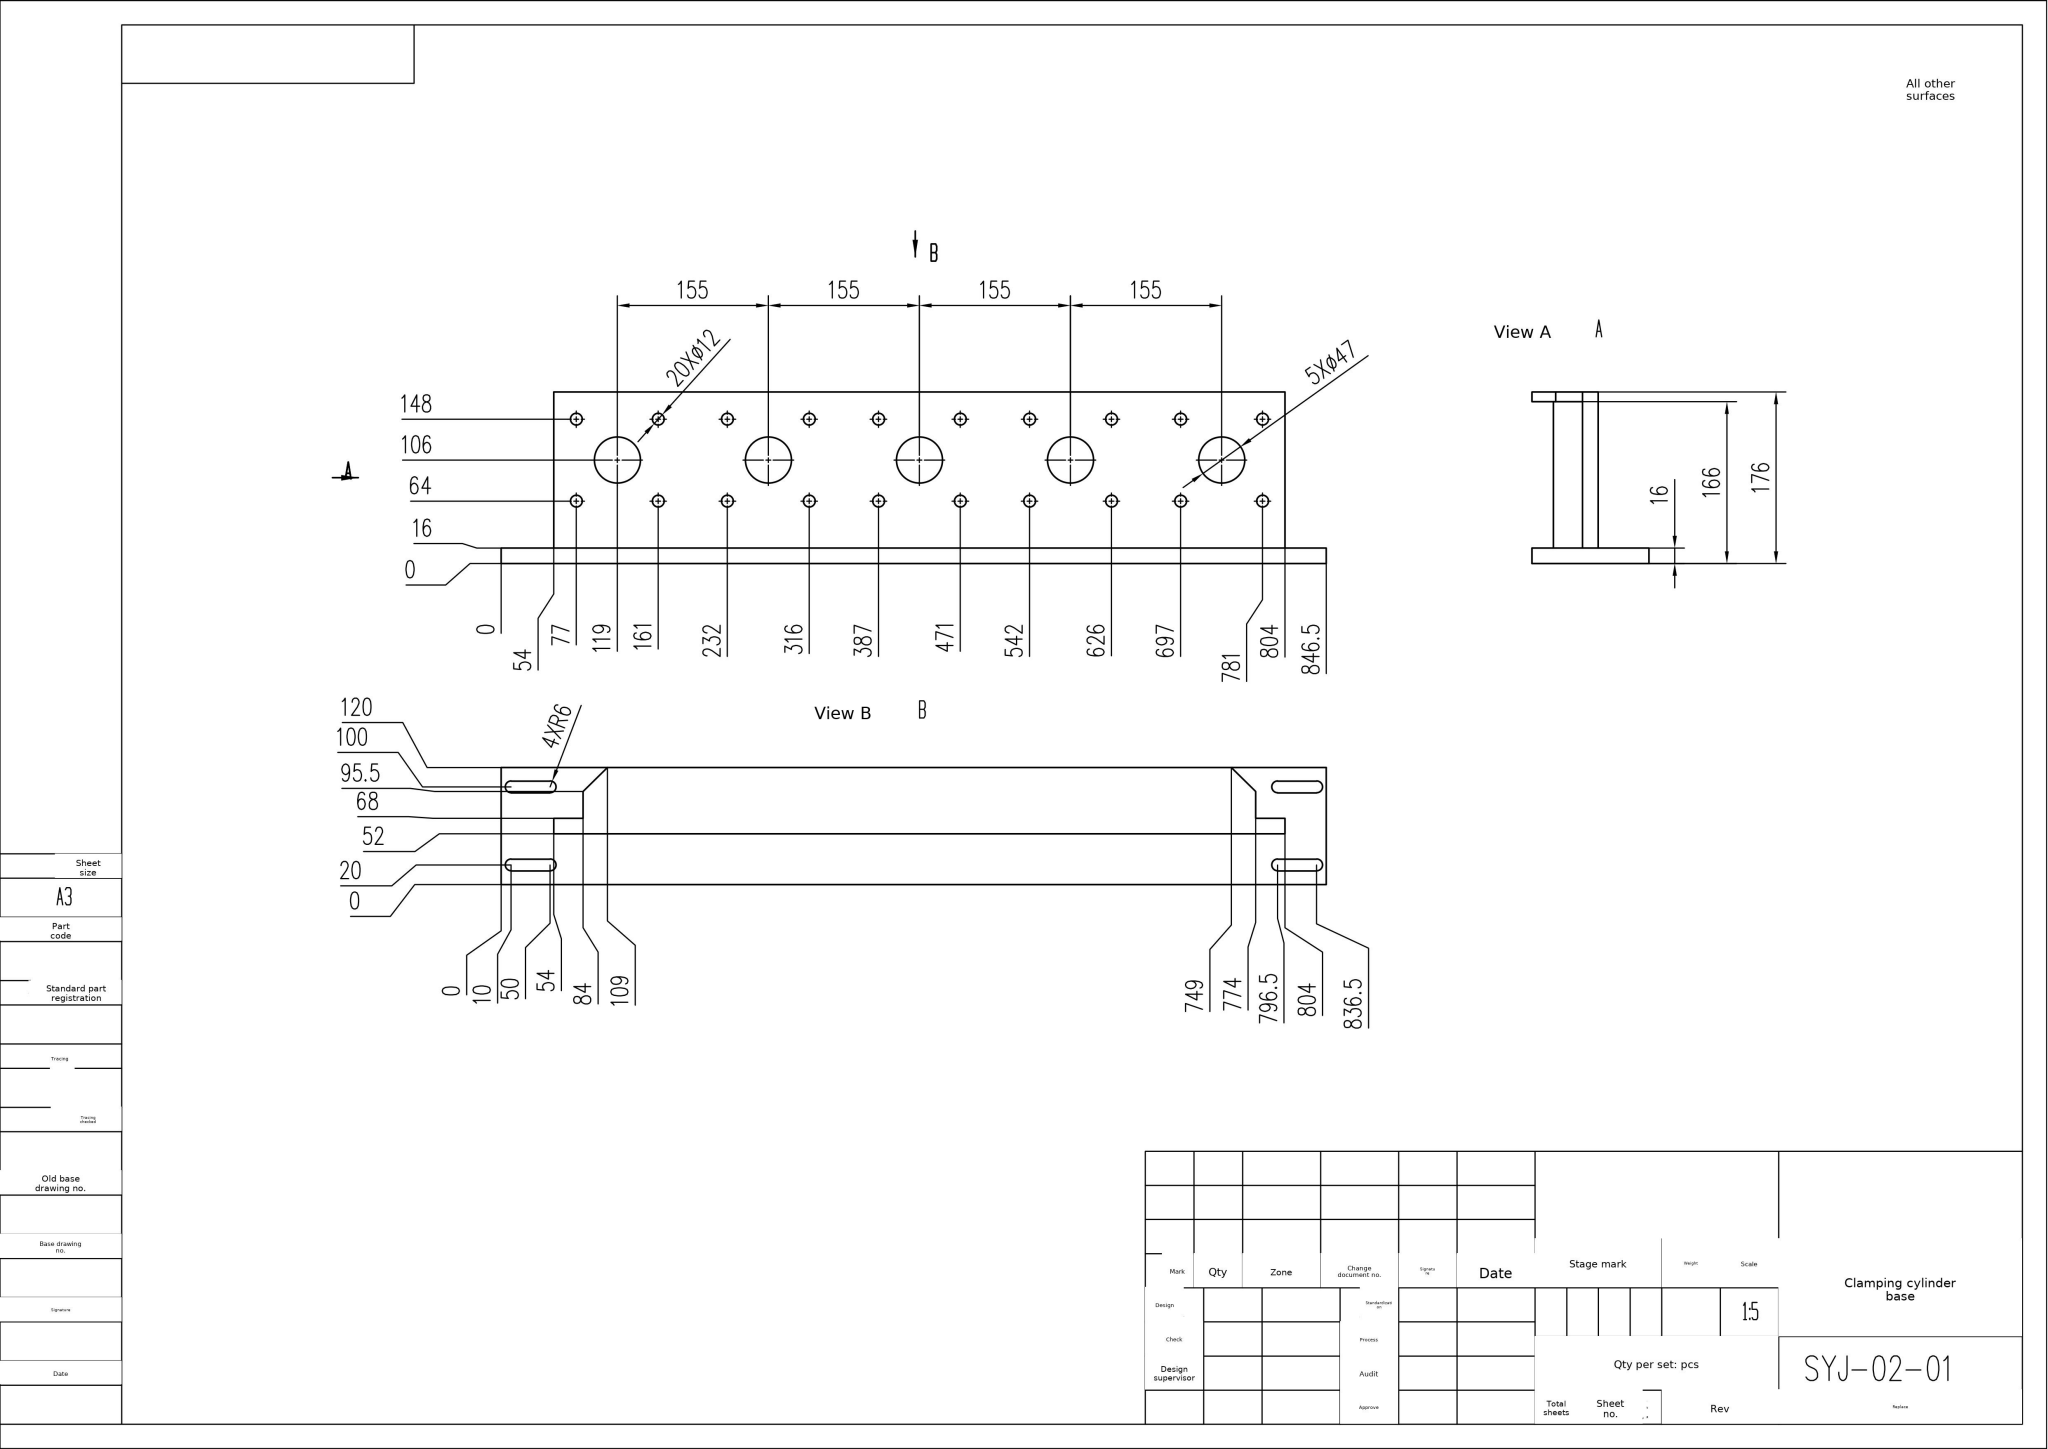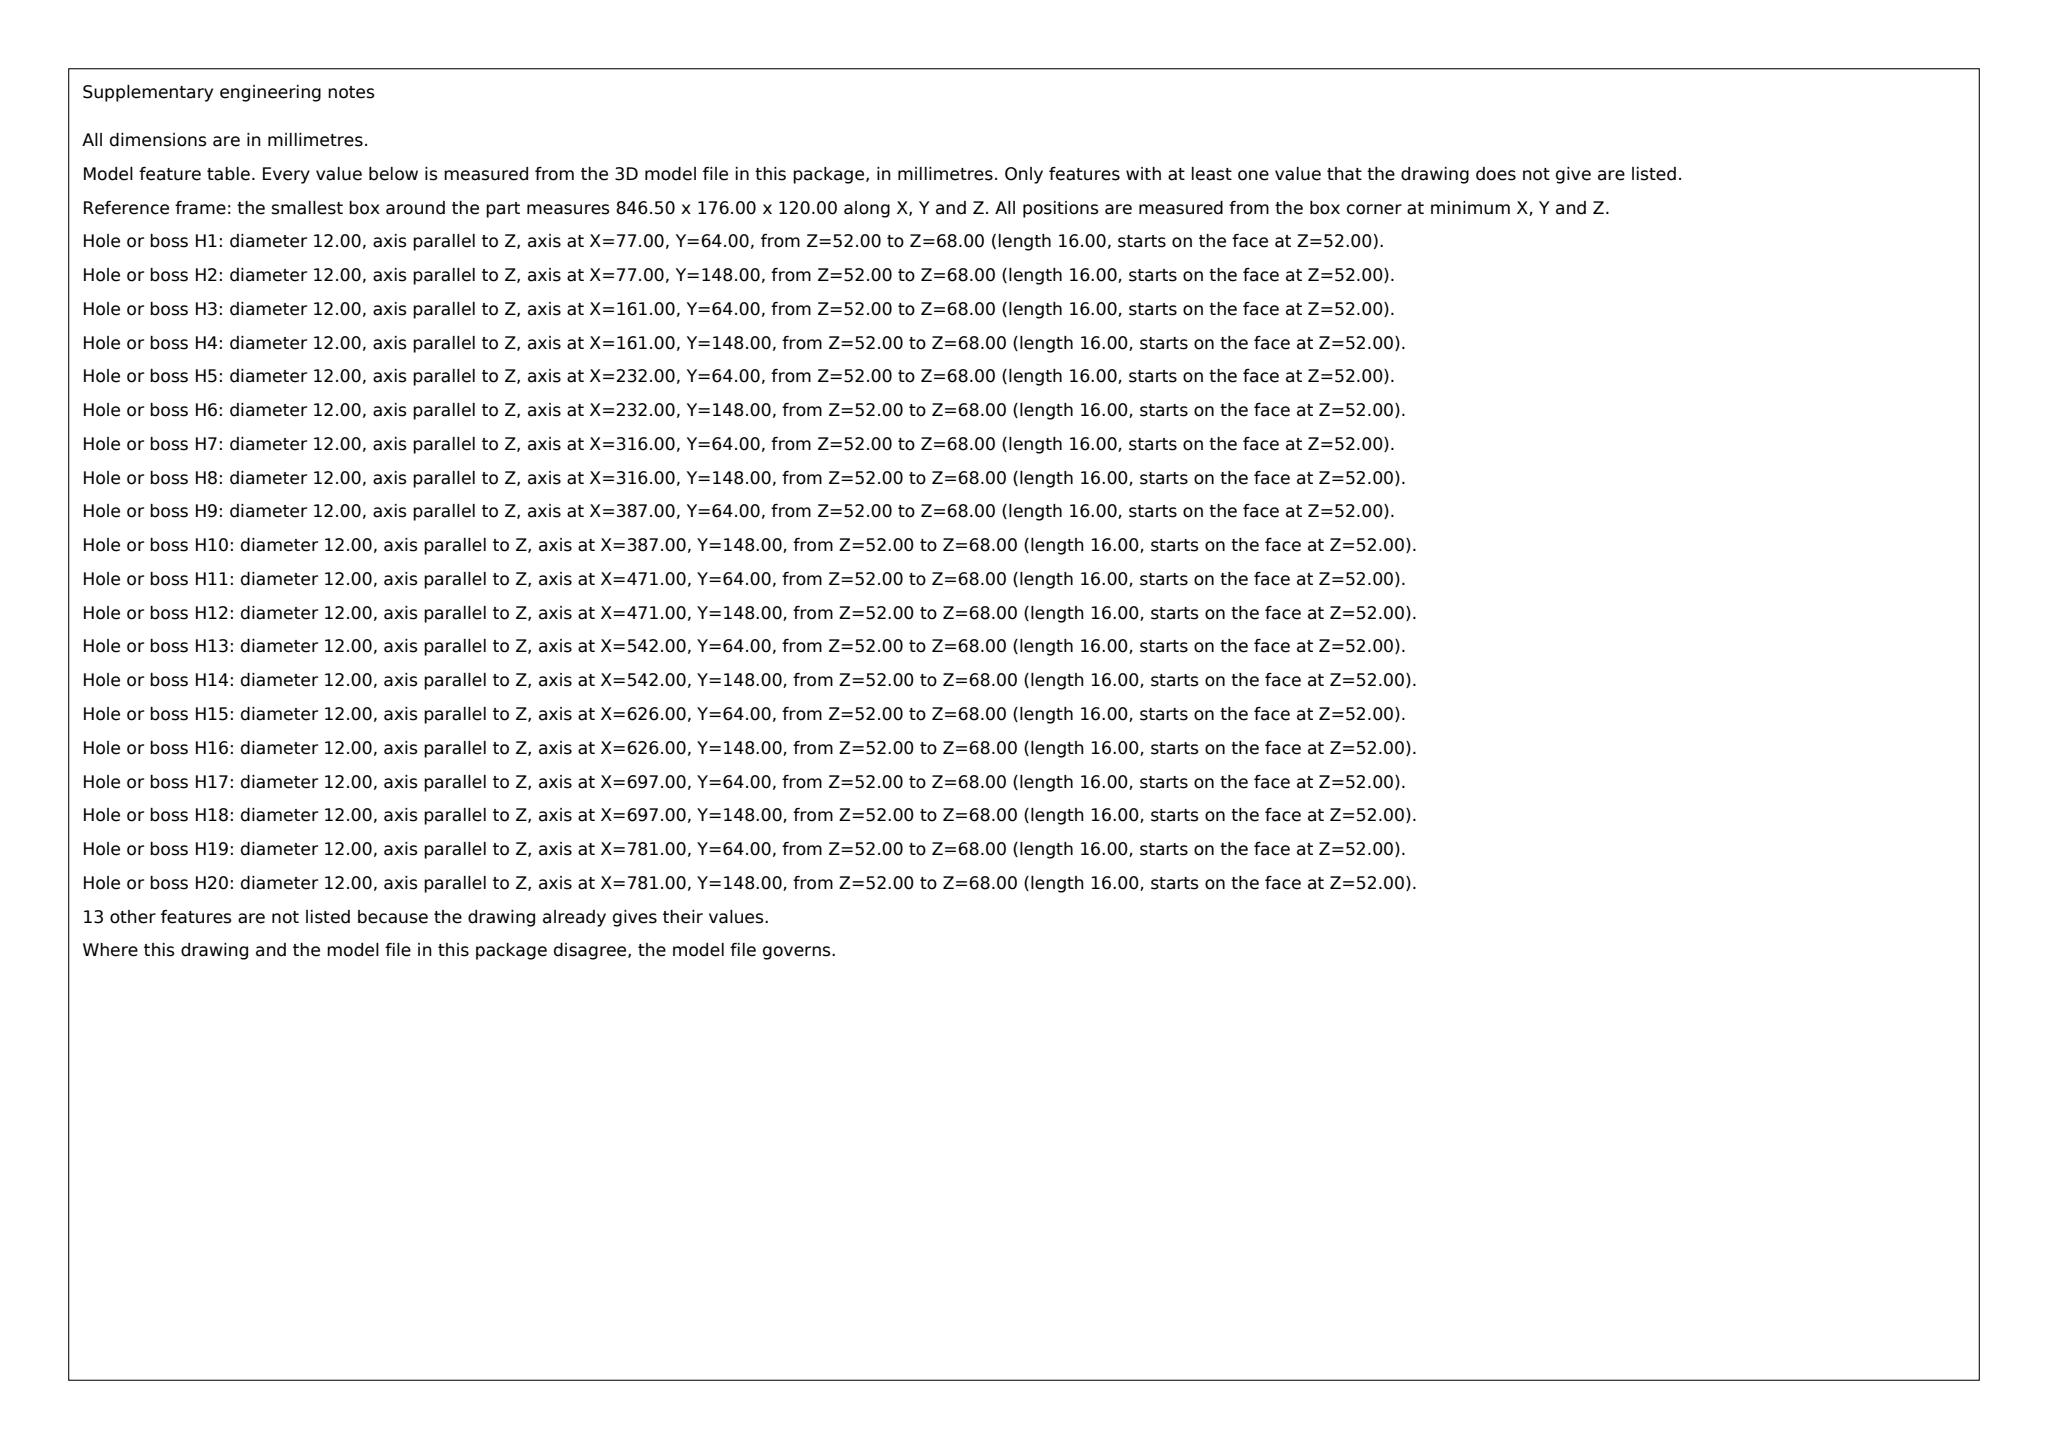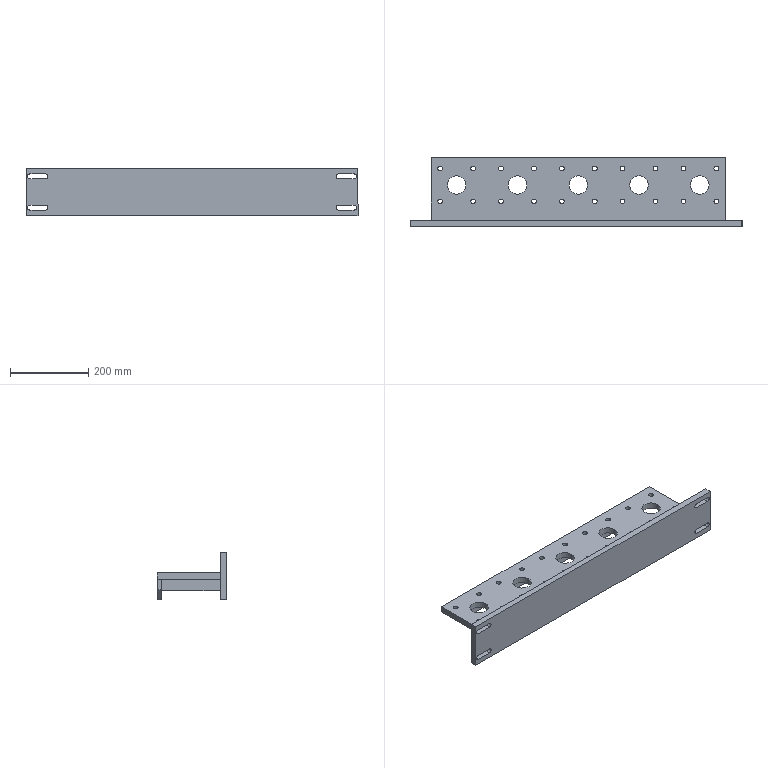Part | SolidWorks | mm | 1 solid | 91 faces | box 846.5 x 176 x 120 mm | volume 3739017 mm3 | cylinder 58 | plane 33 | commonest cylinder face diameters 12 x48 47 x10
build123d program:
from build123d import *

# Parameters (mm, degrees)
SKETCH1_W           = 810
SKETCH1_H           = 120
BOSS_EXTRUDE1_DEPTH = 16
SKETCH2_W           = 750
SKETCH2_H           = 16
BOSS_EXTRUDE2_DEPTH = 160
SKETCH5_W           = 750
SKETCH5_H           = 52
BOSS_EXTRUDE4_DEPTH = 10
CUT_EXTRUDE1_REACH  = 448.794
SKETCH6_R           = 23.5
CUT_EXTRUDE2_REACH  = 448.794
SKETCH7_R           = 6
CHAMFER1_SIZE       = 25
SKETCH9_W           = 120
SKETCH9_H           = 16
BOSS_EXTRUDE6_DEPTH = 12.5
SKETCH10_W          = 120
SKETCH10_H          = 16
BOSS_EXTRUDE7_DEPTH = 24
CUT_EXTRUDE3_DEPTH  = 16
CUT_EXTRUDE4_DEPTH  = 10
SKETCH15_W          = 6
SKETCH15_H          = 150
BOSS_EXTRUDE8_DEPTH = 30


with BuildPart() as part:
    # Sketch1 → Boss-Extrude1 (new body)
    with BuildSketch(Plane(origin=(0, 0, 0), x_dir=(1, 0, 0), z_dir=(0, 1, 0))):
        Rectangle(SKETCH1_W, SKETCH1_H)
    extrude(amount=BOSS_EXTRUDE1_DEPTH)

    # Sketch2 → Boss-Extrude2 (add)
    with BuildSketch(Plane(origin=(0, 16, 0), x_dir=(1, 0, 0), z_dir=(0, 1, 0))):
        Rectangle(SKETCH2_W, SKETCH2_H)
    extrude(amount=BOSS_EXTRUDE2_DEPTH)

    # Sketch5 → Boss-Extrude4 (add)
    with BuildSketch(Plane(origin=(0, 176, 0), x_dir=(1, 0, 0), z_dir=(0, 1, 0))):
        with Locations((0, 34)):
            Rectangle(SKETCH5_W, SKETCH5_H)
    extrude(amount=-BOSS_EXTRUDE4_DEPTH)

    # Sketch6 → Cut-Extrude1 (cut, up to next)
    with BuildSketch(Plane(origin=(0, 0, -8), x_dir=(-1, 0, 0), z_dir=(0, 0, -1)), mode=Mode.PRIVATE) as cut_extrude1_sk1:
        with Locations((0, 106)):
            Circle(SKETCH6_R)
    cut_extrude1_tool1 = extrude(cut_extrude1_sk1.sketch, amount=-CUT_EXTRUDE1_REACH, mode=Mode.PRIVATE) & part.part
    # Sketch6 → Cut-Extrude1 (cut, up to next)
    with BuildSketch(Plane(origin=(0, 0, -8), x_dir=(-1, 0, 0), z_dir=(0, 0, -1)), mode=Mode.PRIVATE) as cut_extrude1_sk2:
        with Locations((-155, 106)):
            Circle(SKETCH6_R)
    cut_extrude1_tool2 = extrude(cut_extrude1_sk2.sketch, amount=-CUT_EXTRUDE1_REACH, mode=Mode.PRIVATE) & part.part
    # Sketch6 → Cut-Extrude1 (cut, up to next)
    with BuildSketch(Plane(origin=(0, 0, -8), x_dir=(-1, 0, 0), z_dir=(0, 0, -1)), mode=Mode.PRIVATE) as cut_extrude1_sk3:
        with Locations((-310, 106)):
            Circle(SKETCH6_R)
    cut_extrude1_tool3 = extrude(cut_extrude1_sk3.sketch, amount=-CUT_EXTRUDE1_REACH, mode=Mode.PRIVATE) & part.part
    # Sketch6 → Cut-Extrude1 (cut, up to next)
    with BuildSketch(Plane(origin=(0, 0, -8), x_dir=(-1, 0, 0), z_dir=(0, 0, -1)), mode=Mode.PRIVATE) as cut_extrude1_sk4:
        with Locations((310, 106)):
            Circle(SKETCH6_R)
    cut_extrude1_tool4 = extrude(cut_extrude1_sk4.sketch, amount=-CUT_EXTRUDE1_REACH, mode=Mode.PRIVATE) & part.part
    # Sketch6 → Cut-Extrude1 (cut, up to next)
    with BuildSketch(Plane(origin=(0, 0, -8), x_dir=(-1, 0, 0), z_dir=(0, 0, -1)), mode=Mode.PRIVATE) as cut_extrude1_sk5:
        with Locations((155, 106)):
            Circle(SKETCH6_R)
    cut_extrude1_tool5 = extrude(cut_extrude1_sk5.sketch, amount=-CUT_EXTRUDE1_REACH, mode=Mode.PRIVATE) & part.part
    add(cut_extrude1_tool1.solids().sort_by_distance((0, 106, -8))[0], mode=Mode.SUBTRACT)
    add(cut_extrude1_tool2.solids().sort_by_distance((155, 106, -8))[0], mode=Mode.SUBTRACT)
    add(cut_extrude1_tool3.solids().sort_by_distance((310, 106, -8))[0], mode=Mode.SUBTRACT)
    add(cut_extrude1_tool4.solids().sort_by_distance((-310, 106, -8))[0], mode=Mode.SUBTRACT)
    add(cut_extrude1_tool5.solids().sort_by_distance((-155, 106, -8))[0], mode=Mode.SUBTRACT)

    # Sketch7 → Cut-Extrude2 (cut, up to next)
    with BuildSketch(Plane(origin=(0, 0, -8), x_dir=(-1, 0, 0), z_dir=(0, 0, -1)), mode=Mode.PRIVATE) as cut_extrude2_sk1:
        with Locations((-352, 148)):
            Circle(SKETCH7_R)
    cut_extrude2_tool1 = extrude(cut_extrude2_sk1.sketch, amount=-CUT_EXTRUDE2_REACH, mode=Mode.PRIVATE) & part.part
    # Sketch7 → Cut-Extrude2 (cut, up to next)
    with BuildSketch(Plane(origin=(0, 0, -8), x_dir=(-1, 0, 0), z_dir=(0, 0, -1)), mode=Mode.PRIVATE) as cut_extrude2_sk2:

Task description: Every line of the records must come back unchanged, except that pictures are dropped.

Task result:
Part | SolidWorks | mm | 1 solid | 91 faces | box 846.5 x 176 x 120 mm | volume 3739017 mm3 | cylinder 58 | plane 33 | commonest cylinder face diameters 12 x48 47 x10
build123d program:
from build123d import *

# Parameters (mm, degrees)
SKETCH1_W           = 810
SKETCH1_H           = 120
BOSS_EXTRUDE1_DEPTH = 16
SKETCH2_W           = 750
SKETCH2_H           = 16
BOSS_EXTRUDE2_DEPTH = 160
SKETCH5_W           = 750
SKETCH5_H           = 52
BOSS_EXTRUDE4_DEPTH = 10
CUT_EXTRUDE1_REACH  = 448.794
SKETCH6_R           = 23.5
CUT_EXTRUDE2_REACH  = 448.794
SKETCH7_R           = 6
CHAMFER1_SIZE       = 25
SKETCH9_W           = 120
SKETCH9_H           = 16
BOSS_EXTRUDE6_DEPTH = 12.5
SKETCH10_W          = 120
SKETCH10_H          = 16
BOSS_EXTRUDE7_DEPTH = 24
CUT_EXTRUDE3_DEPTH  = 16
CUT_EXTRUDE4_DEPTH  = 10
SKETCH15_W          = 6
SKETCH15_H          = 150
BOSS_EXTRUDE8_DEPTH = 30


with BuildPart() as part:
    # Sketch1 → Boss-Extrude1 (new body)
    with BuildSketch(Plane(origin=(0, 0, 0), x_dir=(1, 0, 0), z_dir=(0, 1, 0))):
        Rectangle(SKETCH1_W, SKETCH1_H)
    extrude(amount=BOSS_EXTRUDE1_DEPTH)

    # Sketch2 → Boss-Extrude2 (add)
    with BuildSketch(Plane(origin=(0, 16, 0), x_dir=(1, 0, 0), z_dir=(0, 1, 0))):
        Rectangle(SKETCH2_W, SKETCH2_H)
    extrude(amount=BOSS_EXTRUDE2_DEPTH)

    # Sketch5 → Boss-Extrude4 (add)
    with BuildSketch(Plane(origin=(0, 176, 0), x_dir=(1, 0, 0), z_dir=(0, 1, 0))):
        with Locations((0, 34)):
            Rectangle(SKETCH5_W, SKETCH5_H)
    extrude(amount=-BOSS_EXTRUDE4_DEPTH)

    # Sketch6 → Cut-Extrude1 (cut, up to next)
    with BuildSketch(Plane(origin=(0, 0, -8), x_dir=(-1, 0, 0), z_dir=(0, 0, -1)), mode=Mode.PRIVATE) as cut_extrude1_sk1:
        with Locations((0, 106)):
            Circle(SKETCH6_R)
    cut_extrude1_tool1 = extrude(cut_extrude1_sk1.sketch, amount=-CUT_EXTRUDE1_REACH, mode=Mode.PRIVATE) & part.part
    # Sketch6 → Cut-Extrude1 (cut, up to next)
    with BuildSketch(Plane(origin=(0, 0, -8), x_dir=(-1, 0, 0), z_dir=(0, 0, -1)), mode=Mode.PRIVATE) as cut_extrude1_sk2:
        with Locations((-155, 106)):
            Circle(SKETCH6_R)
    cut_extrude1_tool2 = extrude(cut_extrude1_sk2.sketch, amount=-CUT_EXTRUDE1_REACH, mode=Mode.PRIVATE) & part.part
    # Sketch6 → Cut-Extrude1 (cut, up to next)
    with BuildSketch(Plane(origin=(0, 0, -8), x_dir=(-1, 0, 0), z_dir=(0, 0, -1)), mode=Mode.PRIVATE) as cut_extrude1_sk3:
        with Locations((-310, 106)):
            Circle(SKETCH6_R)
    cut_extrude1_tool3 = extrude(cut_extrude1_sk3.sketch, amount=-CUT_EXTRUDE1_REACH, mode=Mode.PRIVATE) & part.part
    # Sketch6 → Cut-Extrude1 (cut, up to next)
    with BuildSketch(Plane(origin=(0, 0, -8), x_dir=(-1, 0, 0), z_dir=(0, 0, -1)), mode=Mode.PRIVATE) as cut_extrude1_sk4:
        with Locations((310, 106)):
            Circle(SKETCH6_R)
    cut_extrude1_tool4 = extrude(cut_extrude1_sk4.sketch, amount=-CUT_EXTRUDE1_REACH, mode=Mode.PRIVATE) & part.part
    # Sketch6 → Cut-Extrude1 (cut, up to next)
    with BuildSketch(Plane(origin=(0, 0, -8), x_dir=(-1, 0, 0), z_dir=(0, 0, -1)), mode=Mode.PRIVATE) as cut_extrude1_sk5:
        with Locations((155, 106)):
            Circle(SKETCH6_R)
    cut_extrude1_tool5 = extrude(cut_extrude1_sk5.sketch, amount=-CUT_EXTRUDE1_REACH, mode=Mode.PRIVATE) & part.part
    add(cut_extrude1_tool1.solids().sort_by_distance((0, 106, -8))[0], mode=Mode.SUBTRACT)
    add(cut_extrude1_tool2.solids().sort_by_distance((155, 106, -8))[0], mode=Mode.SUBTRACT)
    add(cut_extrude1_tool3.solids().sort_by_distance((310, 106, -8))[0], mode=Mode.SUBTRACT)
    add(cut_extrude1_tool4.solids().sort_by_distance((-310, 106, -8))[0], mode=Mode.SUBTRACT)
    add(cut_extrude1_tool5.solids().sort_by_distance((-155, 106, -8))[0], mode=Mode.SUBTRACT)

    # Sketch7 → Cut-Extrude2 (cut, up to next)
    with BuildSketch(Plane(origin=(0, 0, -8), x_dir=(-1, 0, 0), z_dir=(0, 0, -1)), mode=Mode.PRIVATE) as cut_extrude2_sk1:
        with Locations((-352, 148)):
            Circle(SKETCH7_R)
    cut_extrude2_tool1 = extrude(cut_extrude2_sk1.sketch, amount=-CUT_EXTRUDE2_REACH, mode=Mode.PRIVATE) & part.part
    # Sketch7 → Cut-Extrude2 (cut, up to next)
    with BuildSketch(Plane(origin=(0, 0, -8), x_dir=(-1, 0, 0), z_dir=(0, 0, -1)), mode=Mode.PRIVATE) as cut_extrude2_sk2:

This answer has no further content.